# [The task]
The answer must consist of every line from the entries below that contains the word "transform".

# [Provided records]
'''

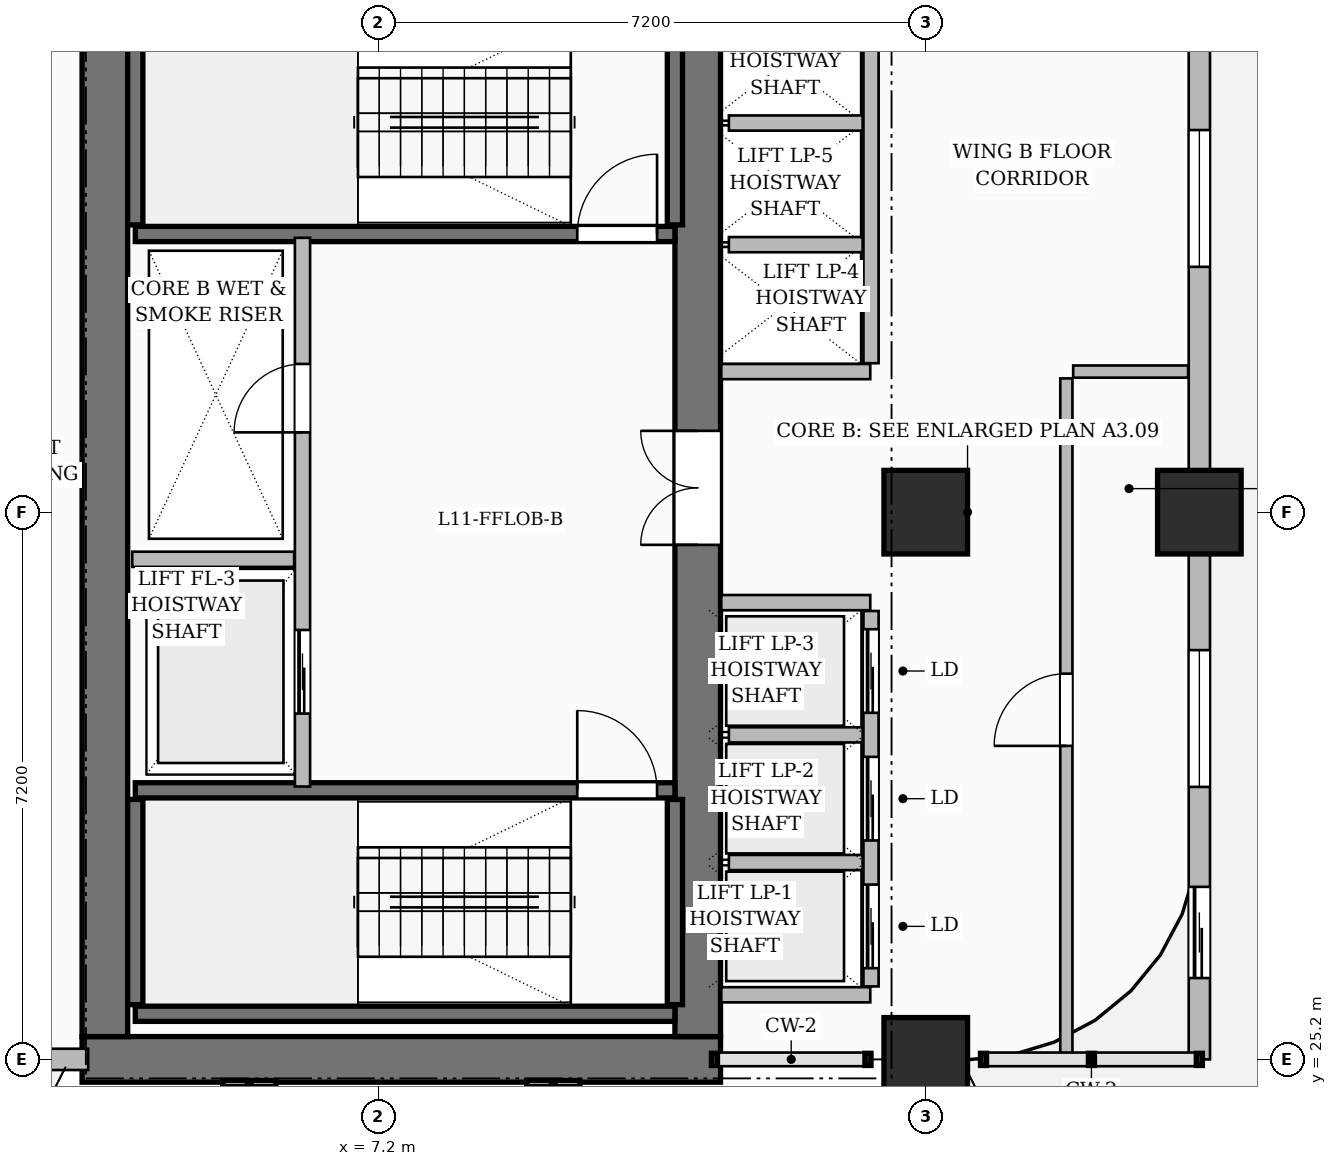
"""IFC4 building model, lengths in metres.
Left out: names, types, materials, properties, quantities, classifications, styles, units other than length and angle.
Written with IfcOpenShell. Run it as: python <this file> out.ifc"""

import sys

from ifc_helpers import new_model, si_unit, direction, frame, frame_2d, origin, origin_2d, place, context, subcontext, project, spatial, rectangle, extrude, source, transform, mapped, element, fill, save


model = new_model("IFC4")
c1 = context("Model", 3, precision=1e-05, world=origin(), true_north=direction((0.0, 1.0)))
c2 = subcontext(c1, "Body", "Model", "MODEL_VIEW")
j1 = project(units=[si_unit("LENGTHUNIT", "METRE"), si_unit("PLANEANGLEUNIT", "RADIAN")], contexts=[c1])
p1 = place(None, origin())
s1 = spatial("IfcSite", under=j1, at=p1, CompositionType="ELEMENT")
p2 = place(p1, origin())
s2 = spatial("IfcBuilding", under=s1, at=p2, CompositionType="ELEMENT")
p3 = place(p2, frame((0.0, 0.0, 50.9)))
s3 = spatial("IfcBuildingStorey", under=s2, at=p3, CompositionType="ELEMENT", Elevation=50.9)
p4 = place(p3, frame((3.3, 25.2, 0.0), z_axis=(0.0, 0.0, 1.0), x_axis=(1.0, 0.0, 0.0)))
e1 = element("IfcWall", 1, at=p4, inside=s3, PredefinedType="SHEAR", context=c2, shape_type="SweptSolid", body=[
    extrude(rectangle(XDim=8.4, YDim=0.6, at=frame_2d((4.2, 0.0))), origin(), (0.0, 0.0, 1.0), 3.7),
])
p5 = place(p3, frame((3.6, 25.5, 0.0), z_axis=(0.0, 0.0, 1.0), x_axis=(0.0, 1.0, 0.0)))
e2 = element("IfcWall", 2, at=p5, inside=s3, PredefinedType="SHEAR", context=c2, shape_type="SweptSolid", body=[
    extrude(rectangle(XDim=13.8, YDim=0.6, at=frame_2d((6.9, 0.0))), origin(), (0.0, 0.0, 1.0), 3.7),
])
p6 = place(p3, frame((11.4, 25.5, 0.0), z_axis=(0.0, 0.0, 1.0), x_axis=(0.0, 1.0, 0.0)))
e3 = element("IfcWall", 3, at=p6, inside=s3, PredefinedType="SHEAR", context=c2, shape_type="SweptSolid", body=[
    extrude(rectangle(XDim=13.8, YDim=0.6, at=frame_2d((6.9, 0.0))), origin(), (0.0, 0.0, 1.0), 3.7),
])
p7 = place(p6, frame((6.47, 0.0, 0.0)))
e4 = element("IfcOpeningElement", 4, at=p7, cuts=e3, PredefinedType="OPENING", context=c2, shape_type="SweptSolid", body=[
    extrude(rectangle(XDim=1.5, YDim=2.2, at=frame_2d((0.75, 1.1))), frame((0.0, 0.31, 0.0), z_axis=(0.0, -1.0, 0.0), x_axis=(1.0, 0.0, 0.0)), (0.0, 0.0, 1.0), 0.62),
])
m1 = source(origin(), c2, "Body", "SweptSolid", [
    extrude(rectangle(XDim=1.1, YDim=1.1, at=origin_2d()), origin(), (0.0, 0.0, 1.0), 3.7),
])
for number, where, z_axis, x_axis in (
    (5, (14.4, 25.2, 0.0), (0.0, 0.0, 1.0), (1.0, 0.0, 0.0)),
    (6, (14.4, 32.4, 0.0), (0.0, 0.0, 1.0), (1.0, 0.0, 0.0)),
    (7, (18.0, 32.4, 0.0), (0.0, 0.0, 1.0), (1.0, 0.0, 0.0)),
):
    element("IfcColumn", number, at=place(p3, frame(where, z_axis=z_axis, x_axis=x_axis)), inside=s3, PredefinedType="COLUMN", context=c2, shape_type="MappedRepresentation", body=[
        mapped(m1, transform((0.0, 0.0, 0.0), scale=1.0)),
    ])
p8 = place(p3, frame((4.0, 25.8, 0.0), z_axis=(0.0, 0.0, 1.0), x_axis=(1.0, 0.0, 0.0)))
e8 = element("IfcWall", 8, at=p8, inside=s3, PredefinedType="SHEAR", context=c2, shape_type="SweptSolid", body=[
    extrude(rectangle(XDim=7.1, YDim=0.2, at=frame_2d((3.55, 0.0))), origin(), (0.0, 0.0, 1.0), 3.7),
])
for number, where, z_axis, x_axis in (
    (9, (4.0, 25.92, 0.0), (0.0, 0.0, 1.0), (0.0, 1.0, 0.0)),
    (10, (11.1, 25.92, 0.0), (0.0, 0.0, 1.0), (0.0, 1.0, 0.0)),
):
    element("IfcWall", number, at=place(p3, frame(where, z_axis=z_axis, x_axis=x_axis)), inside=s3, PredefinedType="SHEAR", context=c2, shape_type="SweptSolid", body=[
        extrude(rectangle(XDim=2.7, YDim=0.2, at=frame_2d((1.35, 0.0))), origin(), (0.0, 0.0, 1.0), 3.7),
    ])
p9 = place(p3, frame((4.0, 28.74, 0.0), z_axis=(0.0, 0.0, 1.0), x_axis=(1.0, 0.0, 0.0)))
e11 = element("IfcWall", 11, at=p9, inside=s3, PredefinedType="SHEAR", context=c2, shape_type="SweptSolid", body=[
    extrude(rectangle(XDim=7.1, YDim=0.2, at=frame_2d((3.55, 0.0))), origin(), (0.0, 0.0, 1.0), 3.7),
])
p10 = place(p9, frame((5.815, 0.0, 0.0)))
e12 = element("IfcOpeningElement", 12, at=p10, cuts=e11, PredefinedType="OPENING", context=c2, shape_type="SweptSolid", body=[
    extrude(rectangle(XDim=1.05, YDim=2.2, at=frame_2d((0.525, 1.1))), frame((0.0, 0.11, 0.0), z_axis=(0.0, -1.0, 0.0), x_axis=(1.0, 0.0, 0.0)), (0.0, 0.0, 1.0), 0.22),
])
for number, where, z_axis, x_axis in (
    (13, (4.0, 36.18, 0.0), (0.0, 0.0, 1.0), (0.0, 1.0, 0.0)),
    (14, (11.1, 36.18, 0.0), (0.0, 0.0, 1.0), (0.0, 1.0, 0.0)),
):
    element("IfcWall", number, at=place(p3, frame(where, z_axis=z_axis, x_axis=x_axis)), inside=s3, PredefinedType="SHEAR", context=c2, shape_type="SweptSolid", body=[
        extrude(rectangle(XDim=2.7, YDim=0.2, at=frame_2d((1.35, 0.0))), origin(), (0.0, 0.0, 1.0), 3.7),
    ])
p11 = place(p3, frame((4.0, 36.06, 0.0), z_axis=(0.0, 0.0, 1.0), x_axis=(1.0, 0.0, 0.0)))
e15 = element("IfcWall", 15, at=p11, inside=s3, PredefinedType="SHEAR", context=c2, shape_type="SweptSolid", body=[
    extrude(rectangle(XDim=7.1, YDim=0.2, at=frame_2d((3.55, 0.0))), origin(), (0.0, 0.0, 1.0), 3.7),
])
p12 = place(p11, frame((5.815, 0.0, 0.0)))
e16 = element("IfcOpeningElement", 16, at=p12, cuts=e15, PredefinedType="OPENING", context=c2, shape_type="SweptSolid", body=[
    extrude(rectangle(XDim=1.05, YDim=2.2, at=frame_2d((0.525, 1.1))), frame((0.0, 0.11, 0.0), z_axis=(0.0, -1.0, 0.0), x_axis=(1.0, 0.0, 0.0)), (0.0, 0.0, 1.0), 0.22),
])
p13 = place(p3, frame((6.2, 28.79, 0.0), z_axis=(0.0, 0.0, 1.0), x_axis=(0.0, 1.0, 0.0)))
e17 = element("IfcWall", 17, at=p13, inside=s3, PredefinedType="PARTITIONING", context=c2, shape_type="SweptSolid", body=[
    extrude(rectangle(XDim=7.22, YDim=0.2, at=frame_2d((3.61, 0.0))), origin(), (0.0, 0.0, 1.0), 3.45),
])
p14 = place(p13, frame((4.66, 0.0, 0.0)))
e18 = element("IfcOpeningElement", 18, at=p14, cuts=e17, PredefinedType="OPENING", context=c2, shape_type="SweptSolid", body=[
    extrude(rectangle(XDim=0.9, YDim=2.1, at=frame_2d((0.45, 1.05))), frame((0.0, 0.11, 0.0), z_axis=(0.0, -1.0, 0.0), x_axis=(1.0, 0.0, 0.0)), (0.0, 0.0, 1.0), 0.22),
])
p15 = place(p13, frame((0.96, 0.0, 0.0)))
e19 = element("IfcOpeningElement", 19, at=p15, cuts=e17, PredefinedType="OPENING", context=c2, shape_type="SweptSolid", body=[
    extrude(rectangle(XDim=1.1, YDim=2.2, at=frame_2d((0.55, 1.1))), frame((0.0, 0.11, 0.0), z_axis=(0.0, -1.0, 0.0), x_axis=(1.0, 0.0, 0.0)), (0.0, 0.0, 1.0), 0.22),
])
p16 = place(p3, frame((3.96, 31.78, 0.0), z_axis=(0.0, 0.0, 1.0), x_axis=(1.0, 0.0, 0.0)))
e20 = element("IfcWall", 20, at=p16, inside=s3, PredefinedType="PARTITIONING", context=c2, shape_type="SweptSolid", body=[
    extrude(rectangle(XDim=2.13, YDim=0.2, at=frame_2d((1.065, 0.0))), origin(), (0.0, 0.0, 1.0), 3.45),
])
for number, where, z_axis, x_axis in (
    (21, (11.71, 26.05, 0.0), (0.0, 0.0, 1.0), (1.0, 0.0, 0.0)),
    (22, (11.71, 31.21, 0.0), (0.0, 0.0, 1.0), (1.0, 0.0, 0.0)),
):
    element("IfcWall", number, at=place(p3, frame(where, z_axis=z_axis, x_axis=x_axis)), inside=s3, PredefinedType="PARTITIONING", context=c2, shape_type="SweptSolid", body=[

'''

# [Exercise result]
from ifc_helpers import new_model, si_unit, direction, frame, frame_2d, origin, origin_2d, place, context, subcontext, project, spatial, rectangle, extrude, source, transform, mapped, element, fill, save
        mapped(m1, transform((0.0, 0.0, 0.0), scale=1.0)),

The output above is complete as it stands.